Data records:
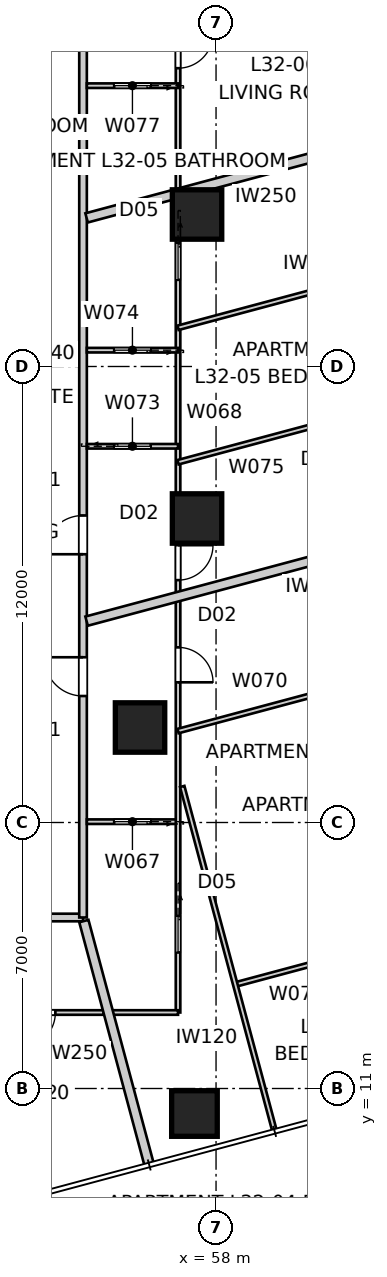
"""IFC4 building model, lengths in metres.
Left out: names, types, materials, properties, quantities, classifications, styles, units other than length and angle.
Written with IfcOpenShell. Run it as: python <this file> out.ifc"""

import sys

from ifc_helpers import new_model, si_unit, direction, frame, frame_2d, origin, origin_2d, place, context, subcontext, project, spatial, rectangle, extrude, element, fill, save


model = new_model("IFC4")
c1 = context("Model", 3, precision=1e-05, world=origin(), true_north=direction((0.0, 1.0)))
c2 = subcontext(c1, "Body", "Model", "MODEL_VIEW")
j1 = project(units=[si_unit("LENGTHUNIT", "METRE"), si_unit("PLANEANGLEUNIT", "RADIAN")], contexts=[c1])
p1 = place(None, origin())
s1 = spatial("IfcSite", under=j1, at=p1, CompositionType="ELEMENT")
p2 = place(p1, origin())
s2 = spatial("IfcBuilding", under=s1, at=p2, CompositionType="ELEMENT")
p3 = place(p2, frame((0.0, 0.0, 118.4)))
s3 = spatial("IfcBuildingStorey", under=s2, at=p3, CompositionType="ELEMENT", Elevation=118.4)
p4 = place(p3, frame((57.432, 10.342, 0.0), z_axis=(0.0, 0.0, 1.0), x_axis=(1.0, 0.0, 0.0)))
e1 = element("IfcColumn", 1, at=p4, inside=s3, PredefinedType="COLUMN", context=c2, shape_type="SweptSolid", body=[
    extrude(rectangle(XDim=1.2, YDim=1.2, at=origin_2d()), origin(), (0.0, 0.0, 1.0), 3.4),
])
for number, where, z_axis, x_axis in (
    (2, (57.5, 26.0, 0.0), (0.0, 0.0, 1.0), (1.0, 0.0, 0.0)),
    (3, (57.5, 34.0, 0.0), (0.0, 0.0, 1.0), (1.0, 0.0, 0.0)),
    (4, (56.0, 20.5, 0.0), (0.0, 0.0, 1.0), (1.0, 0.0, 0.0)),
):
    element("IfcColumn", number, at=place(p3, frame(where, z_axis=z_axis, x_axis=x_axis)), inside=s3, PredefinedType="COLUMN", context=c2, shape_type="SweptSolid", body=[
        extrude(rectangle(XDim=1.3, YDim=1.3, at=origin_2d()), origin(), (0.0, 0.0, 1.0), 3.4),
    ])
p5 = place(p3, frame((26.3, 15.5, 0.0), z_axis=(0.0, 0.0, 1.0), x_axis=(1.0, 0.0, 0.0)))
e5 = element("IfcWall", 5, at=p5, inside=s3, PredefinedType="PARTITIONING", context=c2, shape_type="SweptSolid", body=[
    extrude(rectangle(XDim=28.2, YDim=0.2, at=frame_2d((14.1, 0.0))), origin(), (0.0, 0.0, 1.0), 3.25),
])
p6 = place(p5, frame((21.474, 0.0, 0.0)))
e6 = element("IfcOpeningElement", 6, at=p6, cuts=e5, PredefinedType="OPENING", context=c2, shape_type="SweptSolid", body=[
    extrude(rectangle(XDim=1.02, YDim=2.34, at=frame_2d((0.51, 1.17))), frame((0.0, 0.11, 0.0), z_axis=(0.0, -1.0, 0.0), x_axis=(1.0, 0.0, 0.0)), (0.0, 0.0, 1.0), 0.22),
])
p7 = place(p5, frame((1.353, 0.0, 0.0)))
e7 = element("IfcOpeningElement", 7, at=p7, cuts=e5, PredefinedType="OPENING", context=c2, shape_type="SweptSolid", body=[
    extrude(rectangle(XDim=1.02, YDim=2.1, at=frame_2d((0.51, 1.05))), frame((0.0, 0.11, 0.0), z_axis=(0.0, -1.0, 0.0), x_axis=(1.0, 0.0, 0.0)), (0.0, 0.0, 1.0), 0.22),
])
p8 = place(p3, frame((54.5, 15.5, 0.0), z_axis=(0.0, 0.0, 1.0), x_axis=(0.0, 1.0, 0.0)))
e8 = element("IfcWall", 8, at=p8, inside=s3, PredefinedType="PARTITIONING", context=c2, shape_type="SweptSolid", body=[
    extrude(rectangle(XDim=29.0, YDim=0.2, at=frame_2d((14.5, 0.0))), origin(), (0.0, 0.0, 1.0), 3.25),
])
p9 = place(p8, frame((24.76, 0.0, 0.0)))
e9 = element("IfcOpeningElement", 9, at=p9, cuts=e8, PredefinedType="OPENING", context=c2, shape_type="SweptSolid", body=[
    extrude(rectangle(XDim=1.02, YDim=2.1, at=frame_2d((0.51, 1.05))), frame((0.0, 0.11, 0.0), z_axis=(0.0, -1.0, 0.0), x_axis=(1.0, 0.0, 0.0)), (0.0, 0.0, 1.0), 0.22),
])
p10 = place(p8, frame((5.829, 0.0, 0.0)))
e10 = element("IfcOpeningElement", 10, at=p10, cuts=e8, PredefinedType="OPENING", context=c2, shape_type="SweptSolid", body=[
    extrude(rectangle(XDim=1.02, YDim=2.34, at=frame_2d((0.51, 1.17))), frame((0.0, 0.11, 0.0), z_axis=(0.0, -1.0, 0.0), x_axis=(1.0, 0.0, 0.0)), (0.0, 0.0, 1.0), 0.22),
])
p11 = place(p8, frame((9.559, 0.0, 0.0)))
e11 = element("IfcOpeningElement", 11, at=p11, cuts=e8, PredefinedType="OPENING", context=c2, shape_type="SweptSolid", body=[
    extrude(rectangle(XDim=1.02, YDim=2.34, at=frame_2d((0.51, 1.17))), frame((0.0, 0.11, 0.0), z_axis=(0.0, -1.0, 0.0), x_axis=(1.0, 0.0, 0.0)), (0.0, 0.0, 1.0), 0.22),
])
p12 = place(p3, frame((56.242, 8.988, 0.0), z_axis=(0.0, 0.0, 1.0), x_axis=(-0.25880587229, 0.965929355837, 0.0)))
e12 = element("IfcWall", 12, at=p12, inside=s3, PredefinedType="PARTITIONING", context=c2, shape_type="SweptSolid", body=[
    extrude(rectangle(XDim=6.645, YDim=0.25, at=frame_2d((3.322, 0.0))), origin(), (0.0, 0.0, 1.0), 3.25),
])
p13 = place(p3, frame((63.665, 36.341, 0.0), z_axis=(0.0, 0.0, 1.0), x_axis=(-0.965927049013, -0.258814481793, 0.0)))
e13 = element("IfcWall", 13, at=p13, inside=s3, PredefinedType="PARTITIONING", context=c2, shape_type="SweptSolid", body=[
    extrude(rectangle(XDim=9.392, YDim=0.25, at=frame_2d((4.696, 0.0))), origin(), (0.0, 0.0, 1.0), 3.25),
])
p14 = place(p3, frame((66.318, 26.44, 0.0), z_axis=(0.0, 0.0, 1.0), x_axis=(-0.965924438766, -0.258824223352, 0.0)))
e14 = element("IfcWall", 14, at=p14, inside=s3, PredefinedType="PARTITIONING", context=c2, shape_type="SweptSolid", body=[
    extrude(rectangle(XDim=12.138, YDim=0.25, at=frame_2d((6.069, 0.0))), origin(), (0.0, 0.0, 1.0), 3.25),
])
p15 = place(p3, frame((55.046, 13.0, 0.0), z_axis=(0.0, 0.0, 1.0), x_axis=(-1.0, 0.0, 0.0)))
e15 = element("IfcWall", 15, at=p15, inside=s3, PredefinedType="PARTITIONING", context=c2, shape_type="SweptSolid", body=[
    extrude(rectangle(XDim=23.693, YDim=0.12, at=frame_2d((11.846, 0.0))), origin(), (0.0, 0.0, 1.0), 2.55),
])
p16 = place(p15, frame((8.262, 0.0, 0.0)))
e16 = element("IfcOpeningElement", 16, at=p16, cuts=e15, PredefinedType="OPENING", context=c2, shape_type="SweptSolid", body=[
    extrude(rectangle(XDim=0.92, YDim=2.34, at=frame_2d((0.46, 1.17))), frame((0.0, 0.07, 0.0), z_axis=(0.0, -1.0, 0.0), x_axis=(1.0, 0.0, 0.0)), (0.0, 0.0, 1.0), 0.14),
])
p17 = place(p15, frame((3.825, 0.0, 0.0)))
e17 = element("IfcOpeningElement", 17, at=p17, cuts=e15, PredefinedType="OPENING", context=c2, shape_type="SweptSolid", body=[
    extrude(rectangle(XDim=0.92, YDim=2.34, at=frame_2d((0.46, 1.17))), frame((0.0, 0.07, 0.0), z_axis=(0.0, -1.0, 0.0), x_axis=(1.0, 0.0, 0.0)), (0.0, 0.0, 1.0), 0.14),
])
p18 = place(p15, frame((1.274, 0.0, 0.0)))
e18 = element("IfcOpeningElement", 18, at=p18, cuts=e15, PredefinedType="OPENING", context=c2, shape_type="SweptSolid", body=[
    extrude(rectangle(XDim=0.92, YDim=2.34, at=frame_2d((0.46, 1.17))), frame((0.0, 0.07, 0.0), z_axis=(0.0, -1.0, 0.0), x_axis=(1.0, 0.0, 0.0)), (0.0, 0.0, 1.0), 0.14),
])
p19 = place(p15, frame((13.041, 0.0, 0.0)))
e19 = element("IfcOpeningElement", 19, at=p19, cuts=e15, PredefinedType="OPENING", context=c2, shape_type="SweptSolid", body=[
    extrude(rectangle(XDim=0.96, YDim=2.1, at=frame_2d((0.48, 1.05))), frame((0.0, 0.07, 0.0), z_axis=(0.0, -1.0, 0.0), x_axis=(1.0, 0.0, 0.0)), (0.0, 0.0, 1.0), 0.14),
])
p20 = place(p15, frame((21.917, 0.0, 0.0)))
e20 = element("IfcOpeningElement", 20, at=p20, cuts=e15, PredefinedType="OPENING", context=c2, shape_type="SweptSolid", body=[
    extrude(rectangle(XDim=0.96, YDim=2.1, at=frame_2d((0.48, 1.05))), frame((0.0, 0.07, 0.0), z_axis=(0.0, -1.0, 0.0), x_axis=(1.0, 0.0, 0.0)), (0.0, 0.0, 1.0), 0.14),
])
p21 = place(p3, frame((57.0, 18.021, 0.0), z_axis=(0.0, 0.0, 1.0), x_axis=(-1.0, 0.0, 0.0)))
e21 = element("IfcWall", 21, at=p21, inside=s3, PredefinedType="PARTITIONING", context=c2, shape_type="SweptSolid", body=[
    extrude(rectangle(XDim=2.4, YDim=0.12, at=frame_2d((1.2, 0.0))), origin(), (0.0, 0.0, 1.0), 3.25),
])
p22 = place(p21, frame((0.72, 0.0, 0.0)))
e22 = element("IfcOpeningElement", 22, at=p22, cuts=e21, PredefinedType="OPENING", context=c2, shape_type="SweptSolid", body=[
    extrude(rectangle(XDim=0.96, YDim=2.1, at=frame_2d((0.48, 1.05))), frame((0.0, 0.07, 0.0), z_axis=(0.0, -1.0, 0.0), x_axis=(1.0, 0.0, 0.0)), (0.0, 0.0, 1.0), 0.14),
])
p23 = place(p3, frame((57.0, 47.0, 0.0), z_axis=(0.0, 0.0, 1.0), x_axis=(0.0, -1.0, 0.0)))
e23 = element("IfcWall", 23, at=p23, inside=s3, PredefinedType="PARTITIONING", context=c2, shape_type="SweptSolid", body=[
    extrude(rectangle(XDim=34.0, YDim=0.12, at=frame_2d((17.0, 0.0))), origin(), (0.0, 0.0, 1.0), 2.55),
])
p24 = place(p23, frame((8.23, 0.0, 0.0)))
e24 = element("IfcOpeningElement", 24, at=p24, cuts=e23, PredefinedType="OPENING", context=c2, shape_type="SweptSolid", body=[
    extrude(rectangle(XDim=0.92, YDim=2.34, at=frame_2d((0.46, 1.17))), frame((0.0, 0.07, 0.0), z_axis=(0.0, -1.0, 0.0), x_axis=(1.0, 0.0, 0.0)), (0.0, 0.0, 1.0), 0.14),
])
p25 = place(p23, frame((3.192, 0.0, 0.0)))
e25 = element("IfcOpeningElement", 25, at=p25, cuts=e23, PredefinedType="OPENING", context=c2, shape_type="SweptSolid", body=[
    extrude(rectangle(XDim=0.92, YDim=2.34, at=frame_2d((0.46, 1.17))), frame((0.0, 0.07, 0.0), z_axis=(0.0, -1.0, 0.0), x_axis=(1.0, 0.0, 0.0)), (0.0, 0.0, 1.0), 0.14),
])
p26 = place(p23, frame((24.391, 0.0, 0.0)))
e26 = element("IfcOpeningElement", 26, at=p26, cuts=e23, PredefinedType="OPENING", context=c2, shape_type="SweptSolid", body=[
    extrude(rectangle(XDim=0.92, YDim=2.34, at=frame_2d((0.46, 1.17))), frame((0.0, 0.07, 0.0), z_axis=(0.0, -1.0, 0.0), x_axis=(1.0, 0.0, 0.0)), (0.0, 0.0, 1.0), 0.14),
])
p27 = place(p23, frame((21.702, 0.0, 0.0)))
e27 = element("IfcOpeningElement", 27, at=p27, cuts=e23, PredefinedType="OPENING", context=c2, shape_type="SweptSolid", body=[
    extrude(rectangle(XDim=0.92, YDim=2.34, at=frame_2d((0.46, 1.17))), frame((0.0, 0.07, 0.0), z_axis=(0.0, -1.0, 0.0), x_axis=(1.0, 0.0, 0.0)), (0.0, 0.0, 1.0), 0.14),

* **What you have to do**
Output the lines of the data exactly, starting at the first and ending with the line that has "p3 = place(p2, frame((0.0, 0.0, 118.4)))". Pictures are not part of it.

* **Exercise output**
"""IFC4 building model, lengths in metres.
Left out: names, types, materials, properties, quantities, classifications, styles, units other than length and angle.
Written with IfcOpenShell. Run it as: python <this file> out.ifc"""

import sys

from ifc_helpers import new_model, si_unit, direction, frame, frame_2d, origin, origin_2d, place, context, subcontext, project, spatial, rectangle, extrude, element, fill, save


model = new_model("IFC4")
c1 = context("Model", 3, precision=1e-05, world=origin(), true_north=direction((0.0, 1.0)))
c2 = subcontext(c1, "Body", "Model", "MODEL_VIEW")
j1 = project(units=[si_unit("LENGTHUNIT", "METRE"), si_unit("PLANEANGLEUNIT", "RADIAN")], contexts=[c1])
p1 = place(None, origin())
s1 = spatial("IfcSite", under=j1, at=p1, CompositionType="ELEMENT")
p2 = place(p1, origin())
s2 = spatial("IfcBuilding", under=s1, at=p2, CompositionType="ELEMENT")
p3 = place(p2, frame((0.0, 0.0, 118.4)))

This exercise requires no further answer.